Records from a dataset
+--
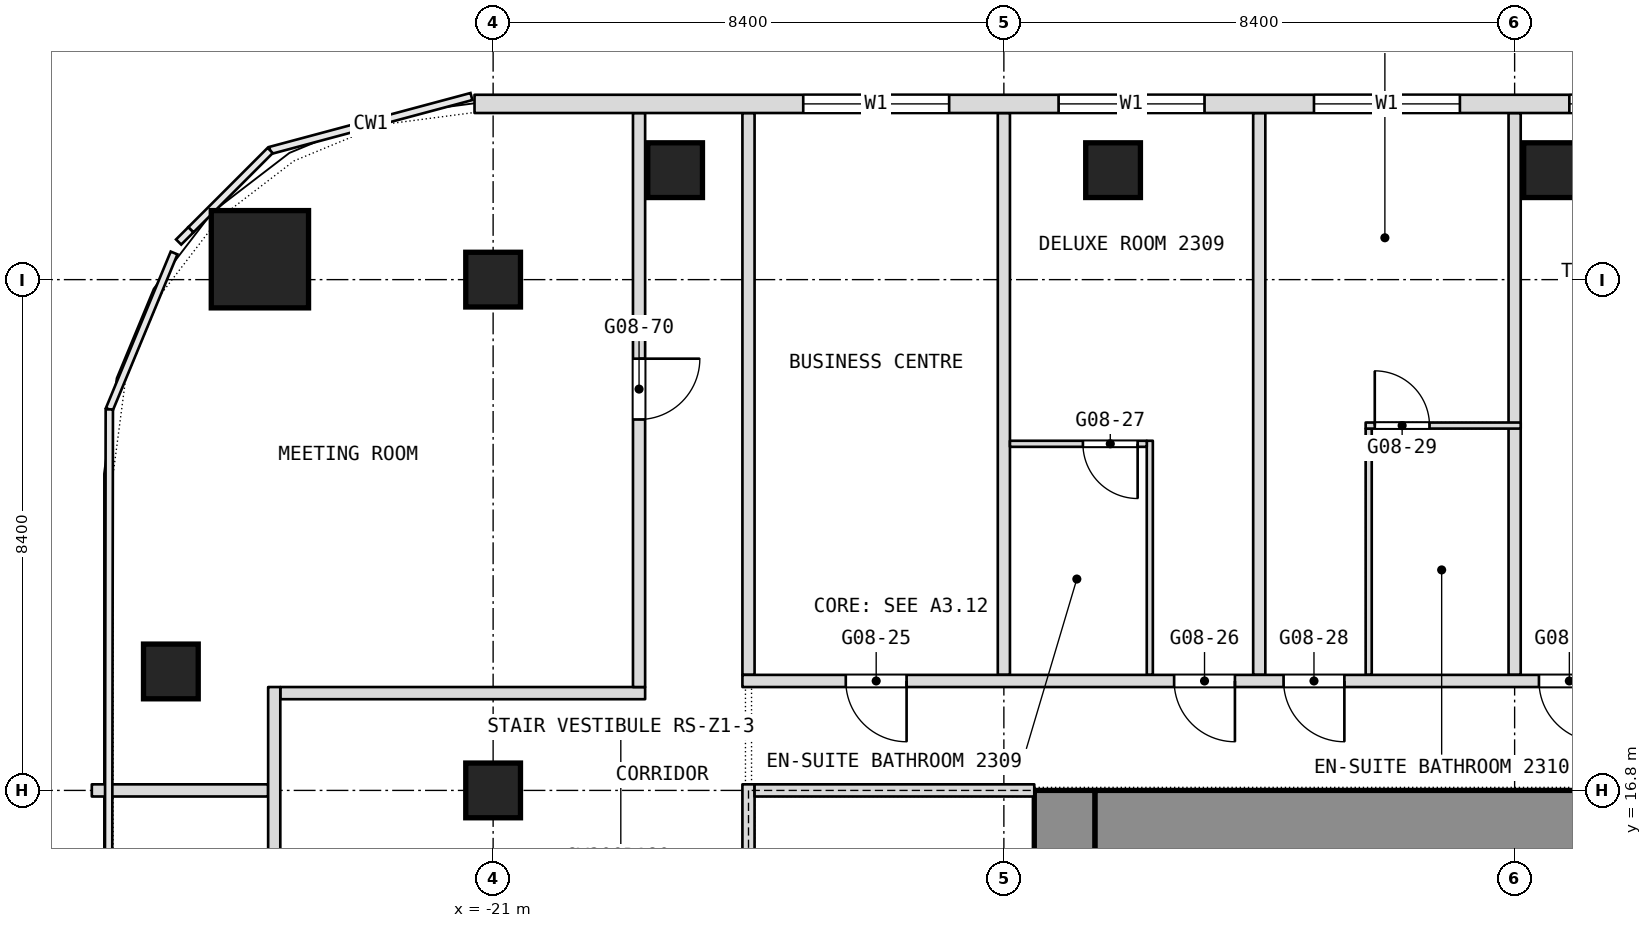
"""IFC4 building model, lengths in metres.
Left out: names, types, materials, properties, quantities, classifications, styles, units other than length and angle.
Written with IfcOpenShell. Run it as: python <this file> out.ifc"""

import sys

from ifc_helpers import new_model, si_unit, direction, frame, frame_2d, origin, origin_2d, place, context, subcontext, project, spatial, rectangle, extrude, element, fill, save


model = new_model("IFC4")
c1 = context("Model", 3, precision=1e-05, world=origin(), true_north=direction((0.0, 1.0)))
c2 = subcontext(c1, "Body", "Model", "MODEL_VIEW")
j1 = project(units=[si_unit("LENGTHUNIT", "METRE"), si_unit("PLANEANGLEUNIT", "RADIAN")], contexts=[c1])
p1 = place(None, origin())
s1 = spatial("IfcSite", under=j1, at=p1, CompositionType="ELEMENT")
p2 = place(p1, origin())
s2 = spatial("IfcBuilding", under=s1, at=p2, CompositionType="ELEMENT")
p3 = place(p2, frame((0.0, 0.0, 108.5)))
s3 = spatial("IfcBuildingStorey", under=s2, at=p3, CompositionType="ELEMENT", Elevation=108.5)
p4 = place(p3, frame((-11.6, 0.0, 0.0), z_axis=(0.0, 0.0, 1.0), x_axis=(0.0, 1.0, 0.0)))
e1 = element("IfcWall", 1, at=p4, inside=s3, PredefinedType="SHEAR", context=c2, shape_type="SweptSolid", body=[
    extrude(rectangle(XDim=16.8, YDim=1.0, at=frame_2d((8.4, 0.0))), origin(), (0.0, 0.0, 1.0), 3.6),
])
p5 = place(p4, frame((3.6, 0.0, 0.0)))
e2 = element("IfcOpeningElement", 2, at=p5, cuts=e1, PredefinedType="OPENING", context=c2, shape_type="SweptSolid", body=[
    extrude(rectangle(XDim=0.9, YDim=2.1, at=frame_2d((0.45, 1.05))), frame((0.0, 0.5, 0.0), z_axis=(0.0, -1.0, 0.0), x_axis=(1.0, 0.0, 0.0)), (0.0, 0.0, 1.0), 1.0),
])
p6 = place(p4, frame((6.825, 0.0, 0.0)))
e3 = element("IfcOpeningElement", 3, at=p6, cuts=e1, PredefinedType="OPENING", context=c2, shape_type="SweptSolid", body=[
    extrude(rectangle(XDim=1.2, YDim=2.1, at=frame_2d((0.6, 1.05))), frame((0.0, 0.5, 0.0), z_axis=(0.0, -1.0, 0.0), x_axis=(1.0, 0.0, 0.0)), (0.0, 0.0, 1.0), 1.0),
])
p7 = place(p4, frame((14.062, 0.0, 0.0)))
e4 = element("IfcOpeningElement", 4, at=p7, cuts=e1, PredefinedType="OPENING", context=c2, shape_type="SweptSolid", body=[
    extrude(rectangle(XDim=0.9, YDim=2.1, at=frame_2d((0.45, 1.05))), frame((0.0, 0.5, 0.0), z_axis=(0.0, -1.0, 0.0), x_axis=(1.0, 0.0, 0.0)), (0.0, 0.0, 1.0), 1.0),
])
p8 = place(p4, frame((11.438, 0.0, 0.0)))
e5 = element("IfcOpeningElement", 5, at=p8, cuts=e1, PredefinedType="OPENING", context=c2, shape_type="SweptSolid", body=[
    extrude(rectangle(XDim=0.9, YDim=2.1, at=frame_2d((0.45, 1.05))), frame((0.0, 0.5, 0.0), z_axis=(0.0, -1.0, 0.0), x_axis=(1.0, 0.0, 0.0)), (0.0, 0.0, 1.0), 1.0),
])
p9 = place(p4, frame((8.775, 0.0, 0.0)))
e6 = element("IfcOpeningElement", 6, at=p9, cuts=e1, PredefinedType="OPENING", context=c2, shape_type="SweptSolid", body=[
    extrude(rectangle(XDim=1.2, YDim=2.1, at=frame_2d((0.6, 1.05))), frame((0.0, 0.5, 0.0), z_axis=(0.0, -1.0, 0.0), x_axis=(1.0, 0.0, 0.0)), (0.0, 0.0, 1.0), 1.0),
])
p10 = place(p3, frame((-11.1, 16.3, 0.0), z_axis=(0.0, 0.0, 1.0), x_axis=(1.0, 0.0, 0.0)))
e7 = element("IfcWall", 7, at=p10, inside=s3, PredefinedType="SHEAR", context=c2, shape_type="SweptSolid", body=[
    extrude(rectangle(XDim=22.2, YDim=1.0, at=frame_2d((11.1, 0.0))), origin(), (0.0, 0.0, 1.0), 3.6),
])
p11 = place(p3, frame((-24.835, 25.535, 0.0), z_axis=(0.0, 0.0, 1.0), x_axis=(1.0, 0.0, 0.0)))
e8 = element("IfcColumn", 8, at=p11, inside=s3, PredefinedType="COLUMN", context=c2, shape_type="SweptSolid", body=[
    extrude(rectangle(XDim=1.6, YDim=1.6, at=origin_2d()), origin(), (0.0, 0.0, 1.0), 3.6),
])
for number, where, z_axis, x_axis in (
    (9, (-21.0, 16.8, 0.0), (0.0, 0.0, 1.0), (1.0, 0.0, 0.0)),
    (10, (-21.0, 25.2, 0.0), (0.0, 0.0, 1.0), (1.0, 0.0, 0.0)),
    (11, (-26.3, 18.756, 0.0), (0.0, 0.0, 1.0), (1.0, 0.0, 0.0)),
    (12, (-18.007, 27.0, 0.0), (0.0, 0.0, 1.0), (1.0, 0.0, 0.0)),
    (13, (-10.804, 27.0, 0.0), (0.0, 0.0, 1.0), (1.0, 0.0, 0.0)),
    (14, (-3.601, 27.0, 0.0), (0.0, 0.0, 1.0), (1.0, 0.0, 0.0)),
):
    element("IfcColumn", number, at=place(p3, frame(where, z_axis=z_axis, x_axis=x_axis)), inside=s3, PredefinedType="COLUMN", context=c2, shape_type="SweptSolid", body=[
        extrude(rectangle(XDim=0.9, YDim=0.9, at=origin_2d()), origin(), (0.0, 0.0, 1.0), 3.6),
    ])
p12 = place(p3, frame((-4.2, 18.7, 0.0), z_axis=(0.0, 0.0, 1.0), x_axis=(0.0, 1.0, 0.0)))
e15 = element("IfcWall", 15, at=p12, inside=s3, PredefinedType="PARTITIONING", context=c2, shape_type="SweptSolid", body=[
    extrude(rectangle(XDim=9.24, YDim=0.2, at=frame_2d((4.62, 0.0))), origin(), (0.0, 0.0, 1.0), 3.34),
])
p13 = place(p3, frame((-6.6, 18.7, 0.0), z_axis=(0.0, 0.0, 1.0), x_axis=(0.0, 1.0, 0.0)))
e16 = element("IfcWall", 16, at=p13, inside=s3, PredefinedType="PARTITIONING", context=c2, shape_type="SweptSolid", body=[
    extrude(rectangle(XDim=4.05, YDim=0.1, at=frame_2d((2.025, 0.0))), origin(), (0.0, 0.0, 1.0), 3.34),
])
p14 = place(p3, frame((-8.4, 18.7, 0.0), z_axis=(0.0, 0.0, 1.0), x_axis=(0.0, 1.0, 0.0)))
e17 = element("IfcWall", 17, at=p14, inside=s3, PredefinedType="PARTITIONING", context=c2, shape_type="SweptSolid", body=[
    extrude(rectangle(XDim=9.24, YDim=0.2, at=frame_2d((4.62, 0.0))), origin(), (0.0, 0.0, 1.0), 3.34),
])
p15 = place(p3, frame((-10.2, 18.7, 0.0), z_axis=(0.0, 0.0, 1.0), x_axis=(0.0, 1.0, 0.0)))
e18 = element("IfcWall", 18, at=p15, inside=s3, PredefinedType="PARTITIONING", context=c2, shape_type="SweptSolid", body=[
    extrude(rectangle(XDim=3.85, YDim=0.1, at=frame_2d((1.925, 0.0))), origin(), (0.0, 0.0, 1.0), 3.34),
])
for number, where, z_axis, x_axis in (
    (19, (-12.6, 18.7, 0.0), (0.0, 0.0, 1.0), (0.0, 1.0, 0.0)),
    (20, (-16.8, 18.7, 0.0), (0.0, 0.0, 1.0), (0.0, 1.0, 0.0)),
):
    element("IfcWall", number, at=place(p3, frame(where, z_axis=z_axis, x_axis=x_axis)), inside=s3, PredefinedType="PARTITIONING", context=c2, shape_type="SweptSolid", body=[
        extrude(rectangle(XDim=9.24, YDim=0.2, at=frame_2d((4.62, 0.0))), origin(), (0.0, 0.0, 1.0), 3.34),
    ])
p16 = place(p3, frame((-27.6, 16.8, 0.0), z_axis=(0.0, 0.0, 1.0), x_axis=(1.0, 0.0, 0.0)))
e21 = element("IfcWall", 21, at=p16, inside=s3, PredefinedType="PARTITIONING", context=c2, shape_type="SweptSolid", body=[
    extrude(rectangle(XDim=2.9, YDim=0.2, at=frame_2d((1.45, 0.0))), origin(), (0.0, 0.0, 1.0), 2.89),
])
p17 = place(p3, frame((-24.5, 18.4, 0.0), z_axis=(0.0, 0.0, 1.0), x_axis=(1.0, 0.0, 0.0)))
e22 = element("IfcWall", 22, at=p17, inside=s3, PredefinedType="PARTITIONING", context=c2, shape_type="SweptSolid", body=[
    extrude(rectangle(XDim=6.0, YDim=0.2, at=frame_2d((3.0, 0.0))), origin(), (0.0, 0.0, 1.0), 3.34),
])
p18 = place(p3, frame((-18.6, 18.5, 0.0), z_axis=(0.0, 0.0, 1.0), x_axis=(0.0, 1.0, 0.0)))
e23 = element("IfcWall", 23, at=p18, inside=s3, PredefinedType="PARTITIONING", context=c2, shape_type="SweptSolid", body=[
    extrude(rectangle(XDim=9.44, YDim=0.2, at=frame_2d((4.72, 0.0))), origin(), (0.0, 0.0, 1.0), 3.34),
])
p19 = place(p18, frame((4.4, 0.0, 0.0)))
e24 = element("IfcOpeningElement", 24, at=p19, cuts=e23, PredefinedType="OPENING", context=c2, shape_type="SweptSolid", body=[
    extrude(rectangle(XDim=1.0, YDim=2.1, at=frame_2d((0.5, 1.05))), frame((0.0, 0.1, 0.0), z_axis=(0.0, -1.0, 0.0), x_axis=(1.0, 0.0, 0.0)), (0.0, 0.0, 1.0), 0.2),
])
p20 = place(p3, frame((-16.9, 18.6, 0.0), z_axis=(0.0, 0.0, 1.0), x_axis=(1.0, 0.0, 0.0)))
e25 = element("IfcWall", 25, at=p20, inside=s3, PredefinedType="PARTITIONING", context=c2, shape_type="SweptSolid", body=[
    extrude(rectangle(XDim=18.4, YDim=0.2, at=frame_2d((9.2, 0.0))), origin(), (0.0, 0.0, 1.0), 3.34),
])
p21 = place(p20, frame((1.7, 0.0, 0.0)))
e26 = element("IfcOpeningElement", 26, at=p21, cuts=e25, PredefinedType="OPENING", context=c2, shape_type="SweptSolid", body=[
    extrude(rectangle(XDim=1.0, YDim=2.1, at=frame_2d((0.5, 1.05))), frame((0.0, 0.1, 0.0), z_axis=(0.0, -1.0, 0.0), x_axis=(1.0, 0.0, 0.0)), (0.0, 0.0, 1.0), 0.2),
])
p22 = place(p20, frame((7.1, 0.0, 0.0)))
e27 = element("IfcOpeningElement", 27, at=p22, cuts=e25, PredefinedType="OPENING", context=c2, shape_type="SweptSolid", body=[
    extrude(rectangle(XDim=1.0, YDim=2.1, at=frame_2d((0.5, 1.05))), frame((0.0, 0.1, 0.0), z_axis=(0.0, -1.0, 0.0), x_axis=(1.0, 0.0, 0.0)), (0.0, 0.0, 1.0), 0.2),
])
p23 = place(p20, frame((8.9, 0.0, 0.0)))
e28 = element("IfcOpeningElement", 28, at=p23, cuts=e25, PredefinedType="OPENING", context=c2, shape_type="SweptSolid", body=[
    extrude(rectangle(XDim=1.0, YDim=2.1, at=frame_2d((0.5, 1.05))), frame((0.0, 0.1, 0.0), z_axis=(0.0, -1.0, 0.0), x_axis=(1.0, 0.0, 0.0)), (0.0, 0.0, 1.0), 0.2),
+--
• ASSIGNMENT
Within the records above, each line containing "subcontext" is to be returned.

• OUTPUT BELOW
from ifc_helpers import new_model, si_unit, direction, frame, frame_2d, origin, origin_2d, place, context, subcontext, project, spatial, rectangle, extrude, element, fill, save
c2 = subcontext(c1, "Body", "Model", "MODEL_VIEW")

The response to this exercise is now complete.